[Stored data entries]
==============================

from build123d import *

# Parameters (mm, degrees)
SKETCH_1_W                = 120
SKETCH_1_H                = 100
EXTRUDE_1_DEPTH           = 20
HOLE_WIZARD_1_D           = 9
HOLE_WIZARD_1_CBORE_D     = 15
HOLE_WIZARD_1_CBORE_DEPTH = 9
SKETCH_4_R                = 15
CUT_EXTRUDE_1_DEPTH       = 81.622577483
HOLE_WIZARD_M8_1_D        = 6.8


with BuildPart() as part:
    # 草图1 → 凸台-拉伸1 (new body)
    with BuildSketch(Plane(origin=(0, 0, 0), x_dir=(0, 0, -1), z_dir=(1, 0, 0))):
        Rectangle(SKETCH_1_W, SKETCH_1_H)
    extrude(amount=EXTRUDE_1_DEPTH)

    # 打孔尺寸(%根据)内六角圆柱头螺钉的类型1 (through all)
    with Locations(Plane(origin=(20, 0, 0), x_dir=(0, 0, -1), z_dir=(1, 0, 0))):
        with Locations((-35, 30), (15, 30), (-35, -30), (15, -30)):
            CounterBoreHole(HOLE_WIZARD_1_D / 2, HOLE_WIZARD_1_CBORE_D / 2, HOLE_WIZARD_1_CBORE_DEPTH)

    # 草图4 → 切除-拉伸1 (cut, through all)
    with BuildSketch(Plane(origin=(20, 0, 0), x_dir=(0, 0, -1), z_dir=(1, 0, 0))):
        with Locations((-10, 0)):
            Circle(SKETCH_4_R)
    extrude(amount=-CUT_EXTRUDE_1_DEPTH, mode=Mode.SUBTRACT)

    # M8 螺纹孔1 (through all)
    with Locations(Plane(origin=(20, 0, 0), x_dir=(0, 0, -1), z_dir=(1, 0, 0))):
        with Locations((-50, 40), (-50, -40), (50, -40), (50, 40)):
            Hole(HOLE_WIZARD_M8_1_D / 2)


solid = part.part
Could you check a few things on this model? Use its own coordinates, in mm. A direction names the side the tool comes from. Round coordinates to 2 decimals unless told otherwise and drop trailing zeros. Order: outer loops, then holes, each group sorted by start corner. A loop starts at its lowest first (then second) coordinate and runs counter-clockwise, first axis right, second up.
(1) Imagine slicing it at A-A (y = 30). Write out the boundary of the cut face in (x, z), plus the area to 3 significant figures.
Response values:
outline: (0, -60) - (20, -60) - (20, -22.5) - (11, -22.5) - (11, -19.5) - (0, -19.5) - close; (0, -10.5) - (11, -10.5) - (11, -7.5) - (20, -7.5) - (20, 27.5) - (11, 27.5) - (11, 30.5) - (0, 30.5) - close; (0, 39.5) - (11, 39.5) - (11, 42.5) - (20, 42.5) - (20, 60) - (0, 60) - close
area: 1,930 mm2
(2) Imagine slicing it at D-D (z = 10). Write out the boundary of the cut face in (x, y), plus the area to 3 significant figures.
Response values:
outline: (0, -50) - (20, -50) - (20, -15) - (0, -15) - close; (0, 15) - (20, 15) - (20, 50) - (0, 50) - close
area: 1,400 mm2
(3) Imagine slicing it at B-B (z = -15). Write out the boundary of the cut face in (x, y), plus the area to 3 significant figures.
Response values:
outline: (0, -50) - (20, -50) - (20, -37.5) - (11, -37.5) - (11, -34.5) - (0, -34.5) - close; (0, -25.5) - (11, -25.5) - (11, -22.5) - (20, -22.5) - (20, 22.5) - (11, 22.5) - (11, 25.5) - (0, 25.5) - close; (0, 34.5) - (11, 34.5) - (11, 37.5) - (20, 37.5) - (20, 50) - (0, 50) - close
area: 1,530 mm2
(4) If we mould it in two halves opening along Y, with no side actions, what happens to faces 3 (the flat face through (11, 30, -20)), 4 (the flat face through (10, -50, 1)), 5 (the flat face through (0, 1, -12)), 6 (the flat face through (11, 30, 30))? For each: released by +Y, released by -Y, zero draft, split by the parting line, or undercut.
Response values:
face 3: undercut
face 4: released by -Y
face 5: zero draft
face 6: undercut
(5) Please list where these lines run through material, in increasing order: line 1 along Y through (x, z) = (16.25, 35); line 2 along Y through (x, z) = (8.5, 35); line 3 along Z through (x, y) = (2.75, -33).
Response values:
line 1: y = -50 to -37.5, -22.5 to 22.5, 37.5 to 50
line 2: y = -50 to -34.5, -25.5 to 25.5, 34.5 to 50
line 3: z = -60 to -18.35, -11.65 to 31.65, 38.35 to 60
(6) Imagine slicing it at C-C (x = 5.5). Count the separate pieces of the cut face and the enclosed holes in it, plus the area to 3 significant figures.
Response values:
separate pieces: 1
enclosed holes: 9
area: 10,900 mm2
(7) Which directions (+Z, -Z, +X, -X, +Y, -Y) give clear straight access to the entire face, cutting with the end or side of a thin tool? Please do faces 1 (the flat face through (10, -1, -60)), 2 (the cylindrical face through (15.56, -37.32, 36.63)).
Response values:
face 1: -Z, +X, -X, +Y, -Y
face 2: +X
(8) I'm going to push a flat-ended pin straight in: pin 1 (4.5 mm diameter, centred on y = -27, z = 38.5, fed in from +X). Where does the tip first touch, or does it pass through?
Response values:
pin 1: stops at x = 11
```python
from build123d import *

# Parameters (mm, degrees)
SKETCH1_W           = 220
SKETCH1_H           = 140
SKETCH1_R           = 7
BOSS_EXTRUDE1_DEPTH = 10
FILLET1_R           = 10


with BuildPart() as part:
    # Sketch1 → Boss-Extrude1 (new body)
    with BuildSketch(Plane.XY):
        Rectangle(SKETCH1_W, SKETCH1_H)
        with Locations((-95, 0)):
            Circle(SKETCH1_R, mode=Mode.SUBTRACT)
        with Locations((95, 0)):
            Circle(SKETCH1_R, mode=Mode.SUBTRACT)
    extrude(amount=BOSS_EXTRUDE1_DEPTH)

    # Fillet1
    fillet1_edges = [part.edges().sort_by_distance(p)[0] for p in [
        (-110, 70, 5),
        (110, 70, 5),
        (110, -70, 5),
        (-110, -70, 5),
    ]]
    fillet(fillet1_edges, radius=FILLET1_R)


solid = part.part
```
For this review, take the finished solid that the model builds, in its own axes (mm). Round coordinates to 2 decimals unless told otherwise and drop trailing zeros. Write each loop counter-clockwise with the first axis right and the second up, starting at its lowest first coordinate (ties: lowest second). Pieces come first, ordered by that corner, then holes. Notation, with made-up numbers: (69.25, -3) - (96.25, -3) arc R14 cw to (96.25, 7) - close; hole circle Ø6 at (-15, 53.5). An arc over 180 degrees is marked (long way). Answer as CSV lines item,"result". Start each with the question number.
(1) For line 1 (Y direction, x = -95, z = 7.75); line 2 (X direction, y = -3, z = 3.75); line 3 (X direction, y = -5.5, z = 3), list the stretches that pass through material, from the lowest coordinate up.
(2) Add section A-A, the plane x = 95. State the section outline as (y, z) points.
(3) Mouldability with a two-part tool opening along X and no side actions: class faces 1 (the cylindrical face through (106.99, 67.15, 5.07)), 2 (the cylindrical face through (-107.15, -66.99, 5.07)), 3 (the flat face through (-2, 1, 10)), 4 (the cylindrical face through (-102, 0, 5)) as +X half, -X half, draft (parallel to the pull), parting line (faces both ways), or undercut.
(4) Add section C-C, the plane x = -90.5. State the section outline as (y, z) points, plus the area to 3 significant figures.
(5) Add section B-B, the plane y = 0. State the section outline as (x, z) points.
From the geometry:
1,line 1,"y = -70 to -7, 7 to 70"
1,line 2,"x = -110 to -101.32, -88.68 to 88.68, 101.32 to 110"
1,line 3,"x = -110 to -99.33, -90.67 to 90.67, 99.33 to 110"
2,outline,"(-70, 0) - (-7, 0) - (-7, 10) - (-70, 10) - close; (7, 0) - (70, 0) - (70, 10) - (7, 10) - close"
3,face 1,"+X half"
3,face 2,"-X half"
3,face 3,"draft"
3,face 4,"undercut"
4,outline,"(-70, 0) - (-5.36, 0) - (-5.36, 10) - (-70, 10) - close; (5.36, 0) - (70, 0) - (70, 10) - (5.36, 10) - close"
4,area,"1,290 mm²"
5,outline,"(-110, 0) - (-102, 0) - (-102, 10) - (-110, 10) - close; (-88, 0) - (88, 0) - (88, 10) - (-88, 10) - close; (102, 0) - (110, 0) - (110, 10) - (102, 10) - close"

==============================

WORK TASK: Which of the lines in the data contain the string "enclosed"? Return each one.

SOLUTION:
(6) Imagine slicing it at C-C (x = 5.5). Count the separate pieces of the cut face and the enclosed holes in it, plus the area to 3 significant figures.
enclosed holes: 9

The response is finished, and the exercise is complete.